Work order:
Please copy each line of the records below that holds the word "direction".

Saved entries:
--

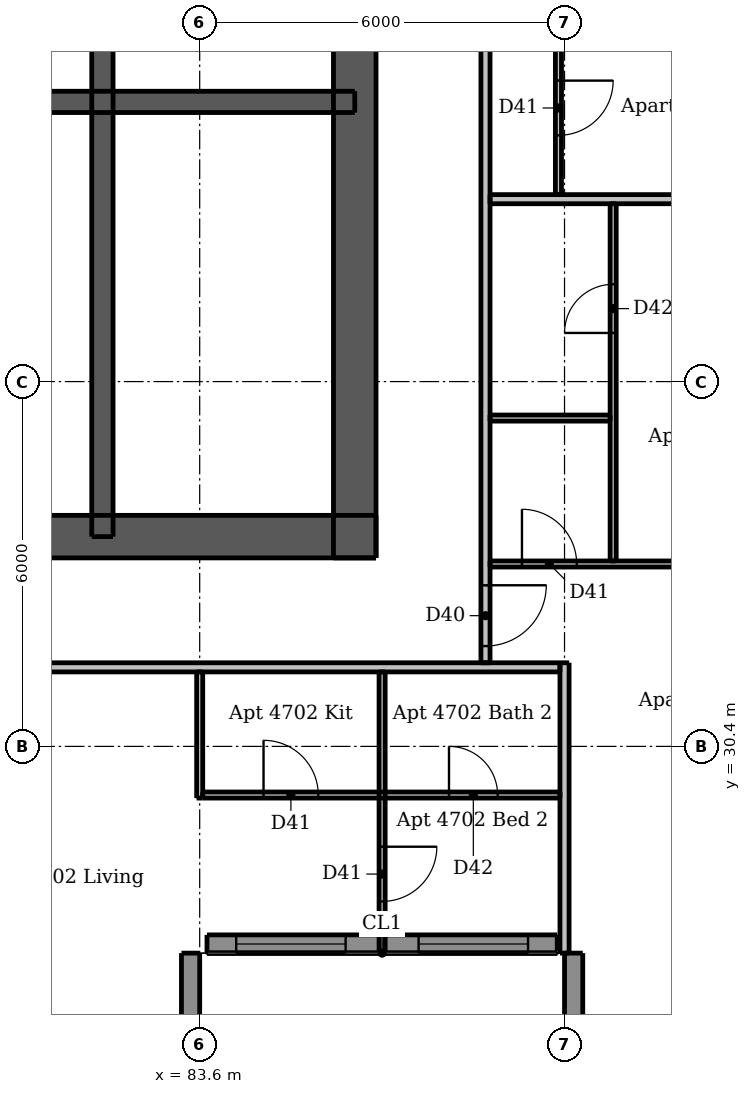
"""IFC4 building model, lengths in metres.
Left out: names, types, materials, properties, quantities, classifications, styles, units other than length and angle.
Written with IfcOpenShell. Run it as: python <this file> out.ifc"""

import sys

from ifc_helpers import new_model, si_unit, direction, frame, frame_2d, origin, place, context, subcontext, project, spatial, rectangle, extrude, element, fill, save


model = new_model("IFC4")
c1 = context("Model", 3, precision=1e-05, world=origin(), true_north=direction((0.0, 1.0)))
c2 = subcontext(c1, "Body", "Model", "MODEL_VIEW")
j1 = project(units=[si_unit("LENGTHUNIT", "METRE"), si_unit("PLANEANGLEUNIT", "RADIAN")], contexts=[c1])
p1 = place(None, origin())
s1 = spatial("IfcSite", under=j1, at=p1, CompositionType="ELEMENT")
p2 = place(p1, origin())
s2 = spatial("IfcBuilding", under=s1, at=p2, CompositionType="ELEMENT")
p3 = place(p2, frame((0.0, 0.0, 174.7)))
s3 = spatial("IfcBuildingStorey", under=s2, at=p3, CompositionType="ELEMENT", Elevation=174.7)
p4 = place(p3, frame((62.5, 33.85, 0.0), z_axis=(0.0, 0.0, 1.0), x_axis=(1.0, 0.0, 0.0)))
e1 = element("IfcWall", 1, at=p4, inside=s3, PredefinedType="SHEAR", context=c2, shape_type="SweptSolid", body=[
    extrude(rectangle(XDim=24.0, YDim=0.7, at=frame_2d((12.0, 0.0))), origin(), (0.0, 0.0, 1.0), 2.95),
])
p5 = place(p4, frame((1.962, 0.0, 0.0)))
e2 = element("IfcOpeningElement", 2, at=p5, cuts=e1, PredefinedType="OPENING", context=c2, shape_type="SweptSolid", body=[
    extrude(rectangle(XDim=1.1, YDim=2.1, at=frame_2d((0.55, 1.05))), frame((0.0, 0.36, 0.0), z_axis=(0.0, -1.0, 0.0), x_axis=(1.0, 0.0, 0.0)), (0.0, 0.0, 1.0), 0.72),
])
p6 = place(p4, frame((20.938, 0.0, 0.0)))
e3 = element("IfcOpeningElement", 3, at=p6, cuts=e1, PredefinedType="OPENING", context=c2, shape_type="SweptSolid", body=[
    extrude(rectangle(XDim=1.1, YDim=2.1, at=frame_2d((0.55, 1.05))), frame((0.0, 0.36, 0.0), z_axis=(0.0, -1.0, 0.0), x_axis=(1.0, 0.0, 0.0)), (0.0, 0.0, 1.0), 0.72),
])
p7 = place(p4, frame((8.0, 0.0, 0.0)))
e4 = element("IfcOpeningElement", 4, at=p7, cuts=e1, PredefinedType="OPENING", context=c2, shape_type="SweptSolid", body=[
    extrude(rectangle(XDim=1.1, YDim=2.1, at=frame_2d((0.55, 1.05))), frame((0.0, 0.36, 0.0), z_axis=(0.0, -1.0, 0.0), x_axis=(1.0, 0.0, 0.0)), (0.0, 0.0, 1.0), 0.72),
])
p8 = place(p4, frame((16.375, 0.0, 0.0)))
e5 = element("IfcOpeningElement", 5, at=p8, cuts=e1, PredefinedType="OPENING", context=c2, shape_type="SweptSolid", body=[
    extrude(rectangle(XDim=0.9, YDim=2.1, at=frame_2d((0.45, 1.05))), frame((0.0, 0.36, 0.0), z_axis=(0.0, -1.0, 0.0), x_axis=(1.0, 0.0, 0.0)), (0.0, 0.0, 1.0), 0.72),
])
p9 = place(p3, frame((86.15, 33.5, 0.0), z_axis=(0.0, 0.0, 1.0), x_axis=(0.0, 1.0, 0.0)))
e6 = element("IfcWall", 6, at=p9, inside=s3, PredefinedType="SHEAR", context=c2, shape_type="SweptSolid", body=[
    extrude(rectangle(XDim=24.0, YDim=0.7, at=frame_2d((12.0, 0.0))), origin(), (0.0, 0.0, 1.0), 2.95),
])
p10 = place(p9, frame((11.2, 0.0, 0.0)))
e7 = element("IfcOpeningElement", 7, at=p10, cuts=e6, PredefinedType="OPENING", context=c2, shape_type="SweptSolid", body=[
    extrude(rectangle(XDim=1.6, YDim=2.1, at=frame_2d((0.8, 1.05))), frame((0.0, 0.36, 0.0), z_axis=(0.0, -1.0, 0.0), x_axis=(1.0, 0.0, 0.0)), (0.0, 0.0, 1.0), 0.72),
])
p11 = place(p3, frame((62.85, 41.0, 0.0), z_axis=(0.0, 0.0, 1.0), x_axis=(1.0, 0.0, 0.0)))
e8 = element("IfcWall", 8, at=p11, inside=s3, PredefinedType="SHEAR", context=c2, shape_type="SweptSolid", body=[
    extrude(rectangle(XDim=23.3, YDim=0.35, at=frame_2d((11.65, 0.0))), origin(), (0.0, 0.0, 1.0), 2.95),
])
p12 = place(p3, frame((82.0, 33.85, 0.0), z_axis=(0.0, 0.0, 1.0), x_axis=(0.0, 1.0, 0.0)))
e9 = element("IfcWall", 9, at=p12, inside=s3, PredefinedType="SHEAR", context=c2, shape_type="SweptSolid", body=[
    extrude(rectangle(XDim=10.05, YDim=0.35, at=frame_2d((5.025, 0.0))), origin(), (0.0, 0.0, 1.0), 2.95),
])
for number, where, z_axis, x_axis in (
    (10, (83.45, 25.3, 0.0), (0.0, 0.0, 1.0), (0.0, 1.0, 0.0)),
    (11, (89.75, 27.0, 0.0), (0.0, 0.0, 1.0), (0.0, -1.0, 0.0)),
):
    element("IfcWall", number, at=place(p3, frame(where, z_axis=z_axis, x_axis=x_axis)), inside=s3, PredefinedType="SOLIDWALL", context=c2, shape_type="SweptSolid", body=[
        extrude(rectangle(XDim=1.7, YDim=0.3, at=frame_2d((0.85, 0.0))), origin(), (0.0, 0.0, 1.0), 2.95),
    ])
p13 = place(p3, frame((83.72, 27.15, 0.0), z_axis=(0.0, 0.0, 1.0), x_axis=(1.0, 0.0, 0.0)))
e12 = element("IfcWall", 12, at=p13, inside=s3, PredefinedType="SOLIDWALL", context=c2, shape_type="SweptSolid", body=[
    extrude(rectangle(XDim=5.76, YDim=0.3, at=frame_2d((2.88, 0.0))), origin(), (0.0, 0.0, 1.0), 2.95),
])
p14 = place(p13, frame((0.48, 0.0, 0.15)))
e13 = element("IfcOpeningElement", 13, at=p14, cuts=e12, PredefinedType="OPENING", context=c2, shape_type="SweptSolid", body=[
    extrude(rectangle(XDim=1.8, YDim=2.1, at=frame_2d((0.9, 1.05))), frame((0.0, 0.16, 0.0), z_axis=(0.0, -1.0, 0.0), x_axis=(1.0, 0.0, 0.0)), (0.0, 0.0, 1.0), 0.32),
])
p15 = place(p13, frame((3.48, 0.0, 0.15)))
e14 = element("IfcOpeningElement", 14, at=p15, cuts=e12, PredefinedType="OPENING", context=c2, shape_type="SweptSolid", body=[
    extrude(rectangle(XDim=1.8, YDim=2.1, at=frame_2d((0.9, 1.05))), frame((0.0, 0.16, 0.0), z_axis=(0.0, -1.0, 0.0), x_axis=(1.0, 0.0, 0.0)), (0.0, 0.0, 1.0), 0.32),
])
p16 = place(p3, frame((83.6, 29.55, 0.0), z_axis=(0.0, 0.0, 1.0), x_axis=(0.0, 1.0, 0.0)))
e15 = element("IfcWall", 15, at=p16, inside=s3, PredefinedType="PARTITIONING", context=c2, shape_type="SweptSolid", body=[
    extrude(rectangle(XDim=2.075, YDim=0.1, at=frame_2d((1.038, 0.0))), origin(), (0.0, 0.0, 1.0), 2.332),
])
p17 = place(p3, frame((86.6, 31.625, 0.0), z_axis=(0.0, 0.0, 1.0), x_axis=(0.0, -1.0, 0.0)))
e16 = element("IfcWall", 16, at=p17, inside=s3, PredefinedType="PARTITIONING", context=c2, shape_type="SweptSolid", body=[
    extrude(rectangle(XDim=4.625, YDim=0.1, at=frame_2d((2.312, 0.0))), origin(), (0.0, 0.0, 1.0), 2.95),
])
p18 = place(p17, frame((2.875, 0.0, 0.0)))
e17 = element("IfcOpeningElement", 17, at=p18, cuts=e16, PredefinedType="OPENING", context=c2, shape_type="SweptSolid", body=[
    extrude(rectangle(XDim=0.9, YDim=2.1, at=frame_2d((0.45, 1.05))), frame((0.0, 0.06, 0.0), z_axis=(0.0, -1.0, 0.0), x_axis=(1.0, 0.0, 0.0)), (0.0, 0.0, 1.0), 0.12),
])
p19 = place(p3, frame((89.5, 60.325, 0.0), z_axis=(0.0, 0.0, 1.0), x_axis=(0.0, -1.0, 0.0)))
e18 = element("IfcWall", 18, at=p19, inside=s3, PredefinedType="PARTITIONING", context=c2, shape_type="SweptSolid", body=[
    extrude(rectangle(XDim=20.85, YDim=0.1, at=frame_2d((10.425, 0.0))), origin(), (0.0, 0.0, 1.0), 2.332),
])
p20 = place(p19, frame((9.675, 0.0, 0.0)))
e19 = element("IfcOpeningElement", 19, at=p20, cuts=e18, PredefinedType="OPENING", context=c2, shape_type="SweptSolid", body=[
    extrude(rectangle(XDim=0.9, YDim=2.1, at=frame_2d((0.45, 1.05))), frame((0.0, 0.06, 0.0), z_axis=(0.0, -1.0, 0.0), x_axis=(1.0, 0.0, 0.0)), (0.0, 0.0, 1.0), 0.12),
])
p21 = place(p19, frame((6.675, 0.0, 0.0)))
e20 = element("IfcOpeningElement", 20, at=p21, cuts=e18, PredefinedType="OPENING", context=c2, shape_type="SweptSolid", body=[
    extrude(rectangle(XDim=0.9, YDim=2.1, at=frame_2d((0.45, 1.05))), frame((0.0, 0.06, 0.0), z_axis=(0.0, -1.0, 0.0), x_axis=(1.0, 0.0, 0.0)), (0.0, 0.0, 1.0), 0.12),
])
p22 = place(p19, frame((18.975, 0.0, 0.0)))
e21 = element("IfcOpeningElement", 21, at=p22, cuts=e18, PredefinedType="OPENING", context=c2, shape_type="SweptSolid", body=[
    extrude(rectangle(XDim=0.9, YDim=2.1, at=frame_2d((0.45, 1.05))), frame((0.0, 0.06, 0.0), z_axis=(0.0, -1.0, 0.0), x_axis=(1.0, 0.0, 0.0)), (0.0, 0.0, 1.0), 0.12),
])
p23 = place(p19, frame((15.975, 0.0, 0.0)))
e22 = element("IfcOpeningElement", 22, at=p23, cuts=e18, PredefinedType="OPENING", context=c2, shape_type="SweptSolid", body=[
    extrude(rectangle(XDim=0.9, YDim=2.1, at=frame_2d((0.45, 1.05))), frame((0.0, 0.06, 0.0), z_axis=(0.0, -1.0, 0.0), x_axis=(1.0, 0.0, 0.0)), (0.0, 0.0, 1.0), 0.12),
])
p24 = place(p19, frame((12.975, 0.0, 0.0)))
e23 = element("IfcOpeningElement", 23, at=p24, cuts=e18, PredefinedType="OPENING", context=c2, shape_type="SweptSolid", body=[
    extrude(rectangle(XDim=0.9, YDim=2.1, at=frame_2d((0.45, 1.05))), frame((0.0, 0.06, 0.0), z_axis=(0.0, -1.0, 0.0), x_axis=(1.0, 0.0, 0.0)), (0.0, 0.0, 1.0), 0.12),
])
p25 = place(p19, frame((1.275, 0.0, 0.0)))
e24 = element("IfcOpeningElement", 24, at=p25, cuts=e18, PredefinedType="OPENING", context=c2, shape_type="SweptSolid", body=[
    extrude(rectangle(XDim=0.9, YDim=2.1, at=frame_2d((0.45, 1.05))), frame((0.0, 0.06, 0.0), z_axis=(0.0, -1.0, 0.0), x_axis=(1.0, 0.0, 0.0)), (0.0, 0.0, 1.0), 0.12),
])
p26 = place(p19, frame((4.325, 0.0, 0.0)))
e25 = element("IfcOpeningElement", 25, at=p26, cuts=e18, PredefinedType="OPENING", context=c2, shape_type="SweptSolid", body=[
    extrude(rectangle(XDim=0.8, YDim=2.1, at=frame_2d((0.4, 1.05))), frame((0.0, 0.06, 0.0), z_axis=(0.0, -1.0, 0.0), x_axis=(1.0, 0.0, 0.0)), (0.0, 0.0, 1.0), 0.12),
])
p27 = place(p3, frame((90.4, 33.45, 0.0), z_axis=(0.0, 0.0, 1.0), x_axis=(0.0, 1.0, 0.0)))
e26 = element("IfcWall", 26, at=p27, inside=s3, PredefinedType="PARTITIONING", context=c2, shape_type="SweptSolid", body=[
    extrude(rectangle(XDim=5.875, YDim=0.1, at=frame_2d((2.938, 0.0))), origin(), (0.0, 0.0, 1.0), 2.95),
])
p28 = place(p27, frame((3.75, 0.0, 0.0)))
e27 = element("IfcOpeningElement", 27, at=p28, cuts=e26, PredefinedType="OPENING", context=c2, shape_type="SweptSolid", body=[
    extrude(rectangle(XDim=0.8, YDim=2.1, at=frame_2d((0.4, 1.05))), frame((0.0, 0.06, 0.0), z_axis=(0.0, -1.0, 0.0), x_axis=(1.0, 0.0, 0.0)), (0.0, 0.0, 1.0), 0.12),
])
p29 = place(p3, frame((88.375, 35.8, 0.0), z_axis=(0.0, 0.0, 1.0), x_axis=(1.0, 0.0, 0.0)))
e28 = element("IfcWall", 28, at=p29, inside=s3, PredefinedType="PARTITIONING", context=c2, shape_type="SweptSolid", body=[
    extrude(rectangle(XDim=1.975, YDim=0.1, at=frame_2d((0.988, 0.0))), origin(), (0.0, 0.0, 1.0), 2.95),
])
p30 = place(p3, frame((88.375, 33.4, 0.0), z_axis=(0.0, 0.0, 1.0), x_axis=(1.0, 0.0, 0.0)))
e29 = element("IfcWall", 29, at=p30, inside=s3, PredefinedType="PARTITIONING", context=c2, shape_type="SweptSolid", body=[
    extrude(rectangle(XDim=7.625, YDim=0.1, at=frame_2d((3.812, 0.0))), origin(), (0.0, 0.0, 1.0), 2.95),
])
p31 = place(p30, frame((0.525, 0.0, 0.0)))
e30 = element("IfcOpeningElement", 30, at=p31, cuts=e29, PredefinedType="OPENING", context=c2, shape_type="SweptSolid", body=[
    extrude(rectangle(XDim=0.9, YDim=2.1, at=frame_2d((0.45, 1.05))), frame((0.0, 0.06, 0.0), z_axis=(0.0, -1.0, 0.0), x_axis=(1.0, 0.0, 0.0)), (0.0, 0.0, 1.0), 0.12),
])
p32 = place(p30, frame((4.375, 0.0, 0.0)))
e31 = element("IfcOpeningElement", 31, at=p32, cuts=e29, PredefinedType="OPENING", context=c2, shape_type="SweptSolid", body=[
    extrude(rectangle(XDim=0.9, YDim=2.1, at=frame_2d((0.45, 1.05))), frame((0.0, 0.06, 0.0), z_axis=(0.0, -1.0, 0.0), x_axis=(1.0, 0.0, 0.0)), (0.0, 0.0, 1.0), 0.12),
])
p33 = place(p3, frame((83.65, 29.6, 0.0), z_axis=(0.0, 0.0, 1.0), x_axis=(1.0, 0.0, 0.0)))
e32 = element("IfcWall", 32, at=p33, inside=s3, PredefinedType="PARTITIONING", context=c2, shape_type="SweptSolid", body=[
    extrude(rectangle(XDim=5.875, YDim=0.1, at=frame_2d((2.938, 0.0))), origin(), (0.0, 0.0, 1.0), 2.95),
])
p34 = place(p33, frame((1.0, 0.0, 0.0)))
e33 = element("IfcOpeningElement", 33, at=p34, cuts=e32, PredefinedType="OPENING", context=c2, shape_type="SweptSolid", body=[
    extrude(rectangle(XDim=0.9, YDim=2.1, at=frame_2d((0.45, 1.05))), frame((0.0, 0.06, 0.0), z_axis=(0.0, -1.0, 0.0), x_axis=(1.0, 0.0, 0.0)), (0.0, 0.0, 1.0), 0.12),
])
p35 = place(p33, frame((4.05, 0.0, 0.0)))
e34 = element("IfcOpeningElement", 34, at=p35, cuts=e32, PredefinedType="OPENING", context=c2, shape_type="SweptSolid", body=[
    extrude(rectangle(XDim=0.8, YDim=2.1, at=frame_2d((0.4, 1.05))), frame((0.0, 0.06, 0.0), z_axis=(0.0, -1.0, 0.0), x_axis=(1.0, 0.0, 0.0)), (0.0, 0.0, 1.0), 0.12),
])
p36 = place(p3, frame((88.3, 61.175, 0.0), z_axis=(0.0, 0.0, 1.0), x_axis=(0.0, -1.0, 0.0)))
e35 = element("IfcWall", 35, at=p36, inside=s3, PredefinedType="PARTITIONING", context=c2, shape_type="SweptSolid", body=[
    extrude(rectangle(XDim=29.4, YDim=0.15, at=frame_2d((14.7, 0.0))), origin(), (0.0, 0.0, 1.0), 2.95),
])
p37 = place(p36, frame((28.125, 0.0, 0.0)))
e36 = element("IfcOpeningElement", 36, at=p37, cuts=e35, PredefinedType="OPENING", context=c2, shape_type="SweptSolid", body=[
    extrude(rectangle(XDim=1.0, YDim=2.1, at=frame_2d((0.5, 1.05))), frame((0.0, 0.085, 0.0), z_axis=(0.0, -1.0, 0.0), x_axis=(1.0, 0.0, 0.0)), (0.0, 0.0, 1.0), 0.17),
])
p38 = place(p36, frame((10.775, 0.0, 0.0)))
e37 = element("IfcOpeningElement", 37, at=p38, cuts=e35, PredefinedType="OPENING", context=c2, shape_type="SweptSolid", body=[
    extrude(rectangle(XDim=1.0, YDim=2.1, at=frame_2d((0.5, 1.05))), frame((0.0, 0.085, 0.0), z_axis=(0.0, -1.0, 0.0), x_axis=(1.0, 0.0, 0.0)), (0.0, 0.0, 1.0), 0.17),
])
p39 = place(p3, frame((89.6, 27.0, 0.0), z_axis=(0.0, 0.0, 1.0), x_axis=(0.0, 1.0, 0.0)))
e38 = element("IfcWall", 38, at=p39, inside=s3, PredefinedType="PARTITIONING", context=c2, shape_type="SweptSolid", body=[
    extrude(rectangle(XDim=4.775, YDim=0.15, at=frame_2d((2.387, 0.0))), origin(), (0.0, 0.0, 1.0), 2.332),
])
p40 = place(p3, frame((88.375, 39.4, 0.0), z_axis=(0.0, 0.0, 1.0), x_axis=(1.0, 0.0, 0.0)))
e39 = element("IfcWall", 39, at=p40, inside=s3, PredefinedType="PARTITIONING", context=c2, shape_type="SweptSolid", body=[
    extrude(rectangle(XDim=7.625, YDim=0.15, at=frame_2d((3.812, 0.0))), origin(), (0.0, 0.0, 1.0), 2.95),
])
p41 = place(p3, frame((89.525, 31.7, 0.0), z_axis=(0.0, 0.0, 1.0), x_axis=(-1.0, 0.0, 0.0)))
e40 = element("IfcWall", 40, at=p41, inside=s3, PredefinedType="PARTITIONING", context=c2, shape_type="SweptSolid", body=[
    extrude(rectangle(XDim=30.55, YDim=0.15, at=frame_2d((15.275, 0.0))), origin(), (0.0, 0.0, 1.0), 2.95),
])
p42 = place(p41, frame((26.775, 0.0, 0.0)))
e41 = element("IfcOpeningElement", 41, at=p42, cuts=e40, PredefinedType="OPENING", context=c2, shape_type="SweptSolid", body=[
    extrude(rectangle(XDim=1.0, YDim=2.1, at=frame_2d((0.5, 1.05))), frame((0.0, 0.085, 0.0), z_axis=(0.0, -1.0, 0.0), x_axis=(1.0, 0.0, 0.0)), (0.0, 0.0, 1.0), 0.17),
])
p43 = place(p41, frame((8.425, 0.0, 0.0)))
e42 = element("IfcOpeningElement", 42, at=p43, cuts=e40, PredefinedType="OPENING", context=c2, shape_type="SweptSolid", body=[
    extrude(rectangle(XDim=1.0, YDim=2.1, at=frame_2d((0.5, 1.05))), frame((0.0, 0.085, 0.0), z_axis=(0.0, -1.0, 0.0), x_axis=(1.0, 0.0, 0.0)), (0.0, 0.0, 1.0), 0.17),
])
p44 = place(p14, origin())
e43 = element("IfcWindow", 43, at=p44, inside=s3, PartitioningType="DOUBLE_PANEL_VERTICAL", PredefinedType="WINDOW", context=c2, shape_type="SweptSolid", body=[
    extrude(rectangle(XDim=1.8, YDim=2.1, at=frame_2d((0.9, 1.05))), frame((0.0, 0.03, 0.0), z_axis=(0.0, -1.0, 0.0), x_axis=(1.0, 0.0, 0.0)), (0.0, 0.0, 1.0), 0.06),
])
fill(e13, e43)
p45 = place(p15, origin())
e44 = element("IfcWindow", 44, at=p45, inside=s3, PartitioningType="DOUBLE_PANEL_VERTICAL", PredefinedType="WINDOW", context=c2, shape_type="SweptSolid", body=[
    extrude(rectangle(XDim=1.8, YDim=2.1, at=frame_2d((0.9, 1.05))), frame((0.0, 0.03, 0.0), z_axis=(0.0, -1.0, 0.0), x_axis=(1.0, 0.0, 0.0)), (0.0, 0.0, 1.0), 0.06),
])
fill(e14, e44)
p46 = place(p6, origin())
e45 = element("IfcDoor", 45, at=p46, inside=s3, OperationType="SINGLE_SWING_RIGHT", PredefinedType="DOOR", context=c2, shape_type="SweptSolid", body=[
    extrude(rectangle(XDim=1.1, YDim=2.1, at=frame_2d((0.55, 1.05))), frame((0.0, 0.337, 0.0), z_axis=(0.0, -1.0, 0.0), x_axis=(1.0, 0.0, 0.0)), (0.0, 0.0, 1.0), 0.05),
])
fill(e3, e45)
p47 = place(p34, origin())
e46 = element("IfcDoor", 46, at=p47, inside=s3, OperationType="SINGLE_SWING_LEFT", PredefinedType="DOOR", context=c2, shape_type="SweptSolid", body=[
    extrude(rectangle(XDim=0.9, YDim=2.1, at=frame_2d((0.45, 1.05))), frame((0.0, 0.025, 0.0), z_axis=(0.0, -1.0, 0.0), x_axis=(1.0, 0.0, 0.0)), (0.0, 0.0, 1.0), 0.05),
])
fill(e33, e46)
p48 = place(p18, origin())
e47 = element("IfcDoor", 47, at=p48, inside=s3, OperationType="SINGLE_SWING_LEFT", PredefinedType="DOOR", context=c2, shape_type="SweptSolid", body=[
    extrude(rectangle(XDim=0.9, YDim=2.1, at=frame_2d((0.45, 1.05))), frame((0.0, 0.025, 0.0), z_axis=(0.0, -1.0, 0.0), x_axis=(1.0, 0.0, 0.0)), (0.0, 0.0, 1.0), 0.05),
])
fill(e17, e47)
p49 = place(p35, origin())
e48 = element("IfcDoor", 48, at=p49, inside=s3, OperationType="SINGLE_SWING_LEFT", PredefinedType="DOOR", context=c2, shape_type="SweptSolid", body=[
    extrude(rectangle(XDim=0.8, YDim=2.1, at=frame_2d((0.4, 1.05))), frame((0.0, 0.025, 0.0), z_axis=(0.0, -1.0, 0.0), x_axis=(1.0, 0.0, 0.0)), (0.0, 0.0, 1.0), 0.05),
])
fill(e34, e48)
p50 = place(p37, origin())
e49 = element("IfcDoor", 49, at=p50, inside=s3, OperationType="SINGLE_SWING_LEFT", PredefinedType="DOOR", context=c2, shape_type="SweptSolid", body=[
    extrude(rectangle(XDim=1.0, YDim=2.1, at=frame_2d((0.5, 1.05))), frame((0.0, 0.025, 0.0), z_axis=(0.0, -1.0, 0.0), x_axis=(1.0, 0.0, 0.0)), (0.0, 0.0, 1.0), 0.05),
])
fill(e36, e49)
p51 = place(p31, origin())
e50 = element("IfcDoor", 50, at=p51, inside=s3, OperationType="SINGLE_SWING_LEFT", PredefinedType="DOOR", context=c2, shape_type="SweptSolid", body=[
    extrude(rectangle(XDim=0.9, YDim=2.1, at=frame_2d((0.45, 1.05))), frame((0.0, 0.025, 0.0), z_axis=(0.0, -1.0, 0.0), x_axis=(1.0, 0.0, 0.0)), (0.0, 0.0, 1.0), 0.05),
])
fill(e30, e50)
p52 = place(p28, origin())
e51 = element("IfcDoor", 51, at=p52, inside=s3, OperationType="SINGLE_SWING_LEFT", PredefinedType="DOOR", context=c2, shape_type="SweptSolid", body=[
    extrude(rectangle(XDim=0.8, YDim=2.1, at=frame_2d((0.4, 1.05))), frame((0.0, 0.025, 0.0), z_axis=(0.0, -1.0, 0.0), x_axis=(1.0, 0.0, 0.0)), (0.0, 0.0, 1.0), 0.05),
])
fill(e27, e51)
p53 = place(p22, origin())
e52 = element("IfcDoor", 52, at=p53, inside=s3, OperationType="SINGLE_SWING_LEFT", PredefinedType="DOOR", context=c2, shape_type="SweptSolid", body=[
    extrude(rectangle(XDim=0.9, YDim=2.1, at=frame_2d((0.45, 1.05))), frame((0.0, 0.025, 0.0), z_axis=(0.0, -1.0, 0.0), x_axis=(1.0, 0.0, 0.0)), (0.0, 0.0, 1.0), 0.05),
])
fill(e21, e52)
save(model, sys.argv[1])

--

Response box:
from ifc_helpers import new_model, si_unit, direction, frame, frame_2d, origin, place, context, subcontext, project, spatial, rectangle, extrude, element, fill, save
c1 = context("Model", 3, precision=1e-05, world=origin(), true_north=direction((0.0, 1.0)))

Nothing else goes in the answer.